▼

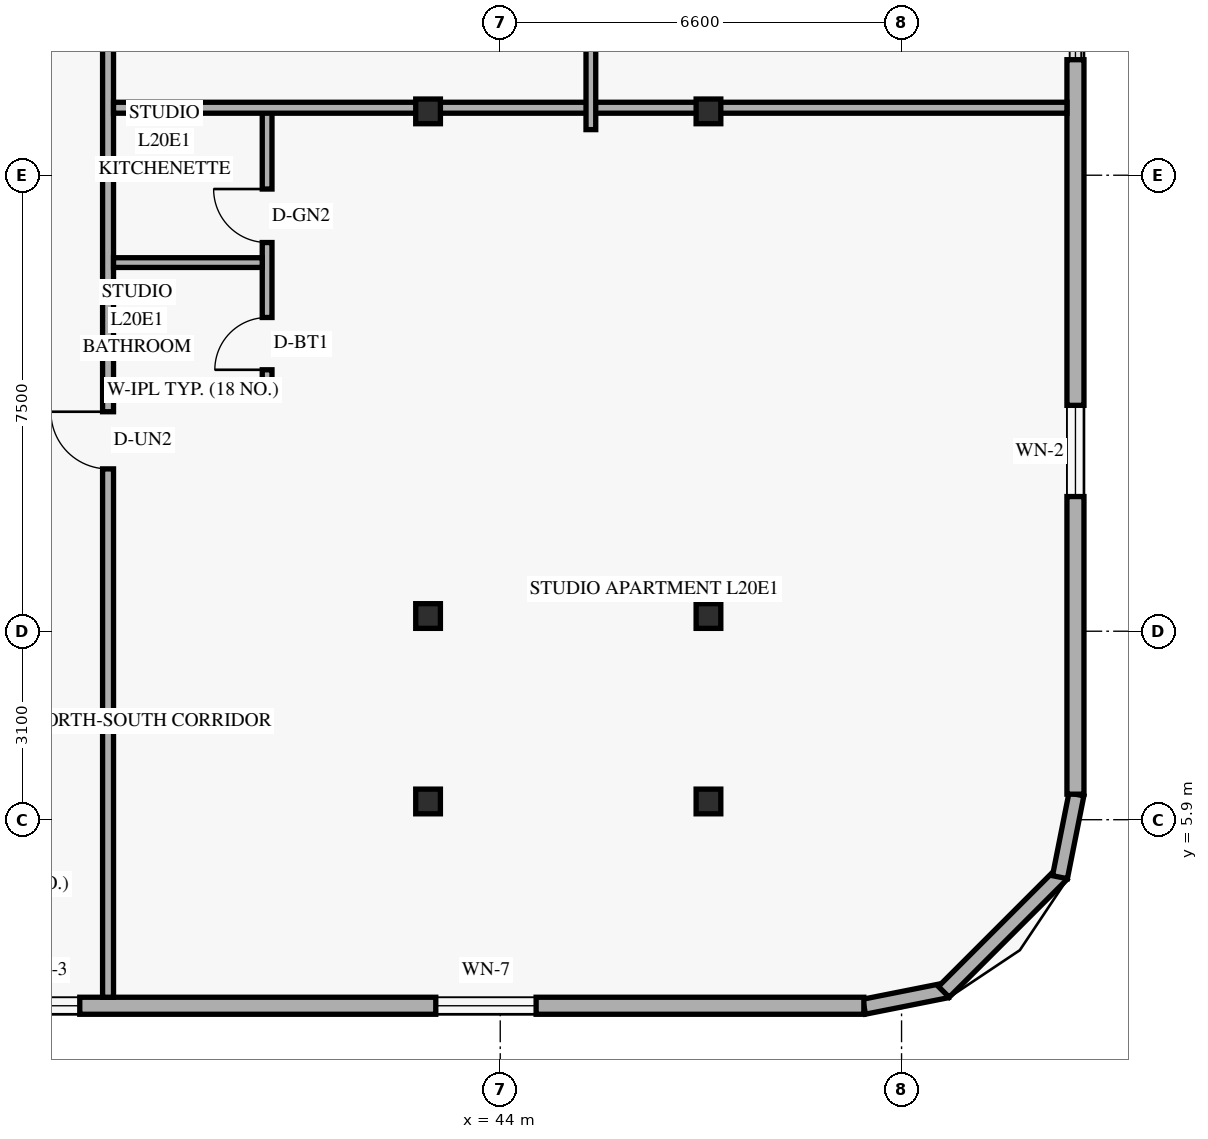
"""IFC4 building model, lengths in metres.
Left out: names, types, materials, properties, quantities, classifications, styles, units other than length and angle.
Written with IfcOpenShell. Run it as: python <this file> out.ifc"""

import sys

from ifc_helpers import new_model, si_unit, direction, frame, frame_2d, origin, origin_2d, place, context, subcontext, project, spatial, rectangle, hollow_rectangle, extrude, element, fill, save


model = new_model("IFC4")
c1 = context("Model", 3, precision=1e-05, world=origin(), true_north=direction((0.0, 1.0)))
c2 = subcontext(c1, "Body", "Model", "MODEL_VIEW")
j1 = project(units=[si_unit("LENGTHUNIT", "METRE"), si_unit("PLANEANGLEUNIT", "RADIAN")], contexts=[c1])
p1 = place(None, origin())
s1 = spatial("IfcSite", under=j1, at=p1, CompositionType="ELEMENT")
p2 = place(p1, origin())
s2 = spatial("IfcBuilding", under=s1, at=p2, CompositionType="ELEMENT")
p3 = place(p2, frame((0.0, 0.0, 80.4)))
s3 = spatial("IfcBuildingStorey", under=s2, at=p3, CompositionType="ELEMENT", Elevation=80.4)
for number, where, z_axis, x_axis in (
    (1, (42.75, 6.2, 0.0), (0.035, 0.0, 0.999), (0.0, 1.0, 0.0)),
    (2, (42.75, 9.25, 0.0), (0.035, 0.0, 0.999), (0.0, 1.0, 0.0)),
    (3, (42.75, 17.55, 0.0), (0.035, 0.0, 0.999), (0.0, 1.0, 0.0)),
):
    element("IfcColumn", number, at=place(p3, frame(where, z_axis=z_axis, x_axis=x_axis)), inside=s3, PredefinedType="COLUMN", context=c2, shape_type="SweptSolid", body=[
        extrude(hollow_rectangle(XDim=0.406, YDim=0.406, WallThickness=0.016, at=origin_2d()), origin(), (0.0, 0.0, 1.0), 3.602),
    ])
for number, where, z_axis, x_axis in (
    (4, (47.32, 6.2, 0.0), (0.058, 0.0, 0.998), (0.0, 1.0, 0.0)),
    (5, (47.32, 9.25, 0.0), (0.058, 0.0, 0.998), (0.0, 1.0, 0.0)),
    (6, (47.32, 17.55, 0.0), (0.058, 0.0, 0.998), (0.0, 1.0, 0.0)),
):
    element("IfcColumn", number, at=place(p3, frame(where, z_axis=z_axis, x_axis=x_axis)), inside=s3, PredefinedType="COLUMN", context=c2, shape_type="SweptSolid", body=[
        extrude(hollow_rectangle(XDim=0.406, YDim=0.406, WallThickness=0.016, at=origin_2d()), origin(), (0.0, 0.0, 1.0), 3.606),
    ])
p4 = place(p3, frame((49.983, 2.824, 0.0), z_axis=(0.0, 0.0, 1.0), x_axis=(0.980809899341, 0.19496651342, 0.0)))
e7 = element("IfcWall", 7, at=p4, inside=s3, PredefinedType="SOLIDWALL", context=c2, shape_type="SweptSolid", body=[
    extrude(rectangle(XDim=1.389, YDim=0.25, at=frame_2d((0.694, 0.0))), origin(), (0.0, 0.0, 1.0), 3.36),
])
p5 = place(p3, frame((51.295, 3.068, 0.0), z_axis=(0.0, 0.0, 1.0), x_axis=(0.707151344399, 0.707062215165, 0.0)))
e8 = element("IfcWall", 8, at=p5, inside=s3, PredefinedType="SOLIDWALL", context=c2, shape_type="SweptSolid", body=[
    extrude(rectangle(XDim=2.739, YDim=0.25, at=frame_2d((1.37, 0.0))), origin(), (0.0, 0.0, 1.0), 3.36),
])
p6 = place(p3, frame((53.205, 4.955, 0.0), z_axis=(0.0, 0.0, 1.0), x_axis=(0.195000137217, 0.980803214965, 0.0)))
e9 = element("IfcWall", 9, at=p6, inside=s3, PredefinedType="SOLIDWALL", context=c2, shape_type="SweptSolid", body=[
    extrude(rectangle(XDim=1.388, YDim=0.25, at=frame_2d((0.694, 0.0))), origin(), (0.0, 0.0, 1.0), 3.36),
])
p7 = place(p3, frame((13.42, 2.84, 0.0), z_axis=(0.0, 0.0, 1.0), x_axis=(1.0, 0.0, 0.0)))
e10 = element("IfcWall", 10, at=p7, inside=s3, PredefinedType="SOLIDWALL", context=c2, shape_type="SweptSolid", body=[
    extrude(rectangle(XDim=36.56, YDim=0.28, at=frame_2d((18.28, 0.0))), origin(), (0.0, 0.0, 1.0), 3.36),
])
p8 = place(p7, frame((3.29, 0.0, 0.85)))
e11 = element("IfcOpeningElement", 11, at=p8, cuts=e10, PredefinedType="OPENING", context=c2, shape_type="SweptSolid", body=[
    extrude(rectangle(XDim=1.65, YDim=1.6, at=frame_2d((0.825, 0.8))), frame((0.0, 0.15, 0.0), z_axis=(0.0, -1.0, 0.0), x_axis=(1.0, 0.0, 0.0)), (0.0, 0.0, 1.0), 0.3),
])
p9 = place(p7, frame((8.68, 0.0, 0.85)))
e12 = element("IfcOpeningElement", 12, at=p9, cuts=e10, PredefinedType="OPENING", context=c2, shape_type="SweptSolid", body=[
    extrude(rectangle(XDim=1.2, YDim=1.5, at=frame_2d((0.6, 0.75))), frame((0.0, 0.15, 0.0), z_axis=(0.0, -1.0, 0.0), x_axis=(1.0, 0.0, 0.0)), (0.0, 0.0, 1.0), 0.3),
])
p10 = place(p7, frame((11.956, 0.0, 0.85)))
e13 = element("IfcOpeningElement", 13, at=p10, cuts=e10, PredefinedType="OPENING", context=c2, shape_type="SweptSolid", body=[
    extrude(rectangle(XDim=1.65, YDim=1.6, at=frame_2d((0.825, 0.8))), frame((0.0, 0.15, 0.0), z_axis=(0.0, -1.0, 0.0), x_axis=(1.0, 0.0, 0.0)), (0.0, 0.0, 1.0), 0.3),
])
p11 = place(p7, frame((17.791, 0.0, 0.85)))
e14 = element("IfcOpeningElement", 14, at=p11, cuts=e10, PredefinedType="OPENING", context=c2, shape_type="SweptSolid", body=[
    extrude(rectangle(XDim=1.65, YDim=1.6, at=frame_2d((0.825, 0.8))), frame((0.0, 0.15, 0.0), z_axis=(0.0, -1.0, 0.0), x_axis=(1.0, 0.0, 0.0)), (0.0, 0.0, 1.0), 0.3),
])
p12 = place(p7, frame((22.465, 0.0, 0.85)))
e15 = element("IfcOpeningElement", 15, at=p12, cuts=e10, PredefinedType="OPENING", context=c2, shape_type="SweptSolid", body=[
    extrude(rectangle(XDim=1.2, YDim=1.5, at=frame_2d((0.6, 0.75))), frame((0.0, 0.15, 0.0), z_axis=(0.0, -1.0, 0.0), x_axis=(1.0, 0.0, 0.0)), (0.0, 0.0, 1.0), 0.3),
])
p13 = place(p7, frame((29.52, 0.0, 0.85)))
e16 = element("IfcOpeningElement", 16, at=p13, cuts=e10, PredefinedType="OPENING", context=c2, shape_type="SweptSolid", body=[
    extrude(rectangle(XDim=1.65, YDim=1.6, at=frame_2d((0.825, 0.8))), frame((0.0, 0.15, 0.0), z_axis=(0.0, -1.0, 0.0), x_axis=(1.0, 0.0, 0.0)), (0.0, 0.0, 1.0), 0.3),
])
p14 = place(p3, frame((53.46, 6.32, 0.0), z_axis=(0.0, 0.0, 1.0), x_axis=(0.0, 1.0, 0.0)))
e17 = element("IfcWall", 17, at=p14, inside=s3, PredefinedType="SOLIDWALL", context=c2, shape_type="SweptSolid", body=[
    extrude(rectangle(XDim=12.08, YDim=0.28, at=frame_2d((6.04, 0.0))), origin(), (0.0, 0.0, 1.0), 3.36),
])
p15 = place(p14, frame((4.895, 0.0, 0.85)))
e18 = element("IfcOpeningElement", 18, at=p15, cuts=e17, PredefinedType="OPENING", context=c2, shape_type="SweptSolid", body=[
    extrude(rectangle(XDim=1.5, YDim=1.55, at=frame_2d((0.75, 0.775))), frame((0.0, 0.15, 0.0), z_axis=(0.0, -1.0, 0.0), x_axis=(1.0, 0.0, 0.0)), (0.0, 0.0, 1.0), 0.3),
])
p16 = place(p3, frame((37.55, 2.98, 0.0), z_axis=(0.0, 0.0, 1.0), x_axis=(0.0, 1.0, 0.0)))
e19 = element("IfcWall", 19, at=p16, inside=s3, PredefinedType="STANDARD", context=c2, shape_type="SweptSolid", body=[
    extrude(rectangle(XDim=42.04, YDim=0.18, at=frame_2d((21.02, 0.0))), origin(), (0.0, 0.0, 1.0), 2.731),
])
p17 = place(p16, frame((8.69, 0.0, 0.0)))
e20 = element("IfcOpeningElement", 20, at=p17, cuts=e19, PredefinedType="OPENING", context=c2, shape_type="SweptSolid", body=[
    extrude(rectangle(XDim=0.94, YDim=2.15, at=frame_2d((0.47, 1.075))), frame((0.0, 0.1, 0.0), z_axis=(0.0, -1.0, 0.0), x_axis=(1.0, 0.0, 0.0)), (0.0, 0.0, 1.0), 0.2),
])
p18 = place(p16, frame((19.043, 0.0, 0.0)))
e21 = element("IfcOpeningElement", 21, at=p18, cuts=e19, PredefinedType="OPENING", context=c2, shape_type="SweptSolid", body=[
    extrude(rectangle(XDim=0.94, YDim=2.15, at=frame_2d((0.47, 1.075))), frame((0.0, 0.1, 0.0), z_axis=(0.0, -1.0, 0.0), x_axis=(1.0, 0.0, 0.0)), (0.0, 0.0, 1.0), 0.2),
])
p19 = place(p16, frame((32.145, 0.0, 0.0)))
e22 = element("IfcOpeningElement", 22, at=p19, cuts=e19, PredefinedType="OPENING", context=c2, shape_type="SweptSolid", body=[
    extrude(rectangle(XDim=0.94, YDim=2.15, at=frame_2d((0.47, 1.075))), frame((0.0, 0.1, 0.0), z_axis=(0.0, -1.0, 0.0), x_axis=(1.0, 0.0, 0.0)), (0.0, 0.0, 1.0), 0.2),
])
p20 = place(p3, frame((37.64, 12.97, 0.0), z_axis=(0.0, 0.0, 1.0), x_axis=(1.0, 0.0, 0.0)))
e23 = element("IfcWall", 23, at=p20, inside=s3, PredefinedType="PLUMBINGWALL", context=c2, shape_type="SweptSolid", body=[
    extrude(rectangle(XDim=2.606, YDim=0.16, at=frame_2d((1.303, 0.0))), origin(), (0.0, 0.0, 1.0), 3.36),
])
p21 = place(p3, frame((40.166, 12.88, 0.0), z_axis=(0.0, 0.0, 1.0), x_axis=(0.0, 1.0, 0.0)))
e24 = element("IfcWall", 24, at=p21, inside=s3, PredefinedType="PLUMBINGWALL", context=c2, shape_type="SweptSolid", body=[
    extrude(rectangle(XDim=4.73, YDim=0.16, at=frame_2d((2.365, 0.0))), origin(), (0.0, 0.0, 1.0), 2.731),
])
p22 = place(p21, frame((0.42, 0.0, 0.0)))
e25 = element("IfcOpeningElement", 25, at=p22, cuts=e24, PredefinedType="OPENING", context=c2, shape_type="SweptSolid", body=[
    extrude(rectangle(XDim=0.86, YDim=2.12, at=frame_2d((0.43, 1.06))), frame((0.0, 0.09, 0.0), z_axis=(0.0, -1.0, 0.0), x_axis=(1.0, 0.0, 0.0)), (0.0, 0.0, 1.0), 0.18),
])
p23 = place(p21, frame((2.513, 0.0, 0.0)))
e26 = element("IfcOpeningElement", 26, at=p23, cuts=e24, PredefinedType="OPENING", context=c2, shape_type="SweptSolid", body=[
    extrude(rectangle(XDim=0.88, YDim=2.12, at=frame_2d((0.44, 1.06))), frame((0.0, 0.09, 0.0), z_axis=(0.0, -1.0, 0.0), x_axis=(1.0, 0.0, 0.0)), (0.0, 0.0, 1.0), 0.18),
])
p24 = place(p3, frame((37.64, 15.063, 0.0), z_axis=(0.0, 0.0, 1.0), x_axis=(1.0, 0.0, 0.0)))
e27 = element("IfcWall", 27, at=p24, inside=s3, PredefinedType="PLUMBINGWALL", context=c2, shape_type="SweptSolid", body=[
    extrude(rectangle(XDim=2.446, YDim=0.16, at=frame_2d((1.223, 0.0))), origin(), (0.0, 0.0, 1.0), 3.36),
])
p25 = place(p3, frame((37.64, 17.61, 0.0), z_axis=(0.0, 0.0, 1.0), x_axis=(1.0, 0.0, 0.0)))
e28 = element("IfcWall", 28, at=p25, inside=s3, PredefinedType="PARTITIONING", context=c2, shape_type="SweptSolid", body=[
    extrude(rectangle(XDim=15.68, YDim=0.18, at=frame_2d((7.84, 0.0))), origin(), (0.0, 0.0, 1.0), 2.731),
])
p26 = place(p3, frame((45.49, 17.25, 0.0), z_axis=(0.0, 0.0, 1.0), x_axis=(0.0, 1.0, 0.0)))
e29 = element("IfcWall", 29, at=p26, inside=s3, PredefinedType="PARTITIONING", context=c2, shape_type="SweptSolid", body=[
    extrude(rectangle(XDim=10.86, YDim=0.16, at=frame_2d((5.43, 0.0))), origin(), (0.0, 0.0, 1.0), 2.731),
])
p27 = place(p26, frame((4.67, 0.0, 0.0)))
e30 = element("IfcOpeningElement", 30, at=p27, cuts=e29, PredefinedType="OPENING", context=c2, shape_type="SweptSolid", body=[
    extrude(rectangle(XDim=0.95, YDim=2.15, at=frame_2d((0.475, 1.075))), frame((0.0, 0.09, 0.0), z_axis=(0.0, -1.0, 0.0), x_axis=(1.0, 0.0, 0.0)), (0.0, 0.0, 1.0), 0.18),
])
p28 = place(p12, origin())
e31 = element("IfcWindow", 31, at=p28, inside=s3, PartitioningType="SINGLE_PANEL", PredefinedType="WINDOW", context=c2, shape_type="SweptSolid", body=[
    extrude(rectangle(XDim=1.2, YDim=1.5, at=frame_2d((0.6, 0.75))), frame((0.0, 0.03, 0.0), z_axis=(0.0, -1.0, 0.0), x_axis=(1.0, 0.0, 0.0)), (0.0, 0.0, 1.0), 0.06),
])
fill(e15, e31)
p29 = place(p13, origin())
e32 = element("IfcWindow", 32, at=p29, inside=s3, PartitioningType="SINGLE_PANEL", PredefinedType="WINDOW", context=c2, shape_type="SweptSolid", body=[
    extrude(rectangle(XDim=1.65, YDim=1.6, at=frame_2d((0.825, 0.8))), frame((0.0, 0.03, 0.0), z_axis=(0.0, -1.0, 0.0), x_axis=(1.0, 0.0, 0.0)), (0.0, 0.0, 1.0), 0.06),
])
fill(e16, e32)
p30 = place(p15, origin())
e33 = element("IfcWindow", 33, at=p30, inside=s3, PartitioningType="SINGLE_PANEL", PredefinedType="WINDOW", context=c2, shape_type="SweptSolid", body=[
    extrude(rectangle(XDim=1.5, YDim=1.55, at=frame_2d((0.75, 0.775))), frame((0.0, 0.03, 0.0), z_axis=(0.0, -1.0, 0.0), x_axis=(1.0, 0.0, 0.0)), (0.0, 0.0, 1.0), 0.06),
])
fill(e18, e33)
p31 = place(p17, origin())
e34 = element("IfcDoor", 34, at=p31, inside=s3, OperationType="SINGLE_SWING_RIGHT", PredefinedType="DOOR", context=c2, shape_type="SweptSolid", body=[
    extrude(rectangle(XDim=0.94, YDim=2.15, at=frame_2d((0.47, 1.075))), frame((0.0, 0.025, 0.0), z_axis=(0.0, -1.0, 0.0), x_axis=(1.0, 0.0, 0.0)), (0.0, 0.0, 1.0), 0.05),
])
fill(e20, e34)
p32 = place(p22, origin())
e35 = element("IfcDoor", 35, at=p32, inside=s3, OperationType="SINGLE_SWING_LEFT", PredefinedType="DOOR", context=c2, shape_type="SweptSolid", body=[
    extrude(rectangle(XDim=0.86, YDim=2.12, at=frame_2d((0.43, 1.06))), frame((0.0, 0.025, 0.0), z_axis=(0.0, -1.0, 0.0), x_axis=(1.0, 0.0, 0.0)), (0.0, 0.0, 1.0), 0.05),
])
fill(e25, e35)
p33 = place(p23, origin())
e36 = element("IfcDoor", 36, at=p33, inside=s3, OperationType="SINGLE_SWING_RIGHT", PredefinedType="DOOR", context=c2, shape_type="SweptSolid", body=[
    extrude(rectangle(XDim=0.88, YDim=2.12, at=frame_2d((0.44, 1.06))), frame((0.0, 0.025, 0.0), z_axis=(0.0, -1.0, 0.0), x_axis=(1.0, 0.0, 0.0)), (0.0, 0.0, 1.0), 0.05),
])
fill(e26, e36)
save(model, sys.argv[1])

▲

## WHAT YOU WILL DO
Please tally each line in the material above that contains "CompositionType", and let the number be your entire reply.

## RESPONSE TO THE TASK
3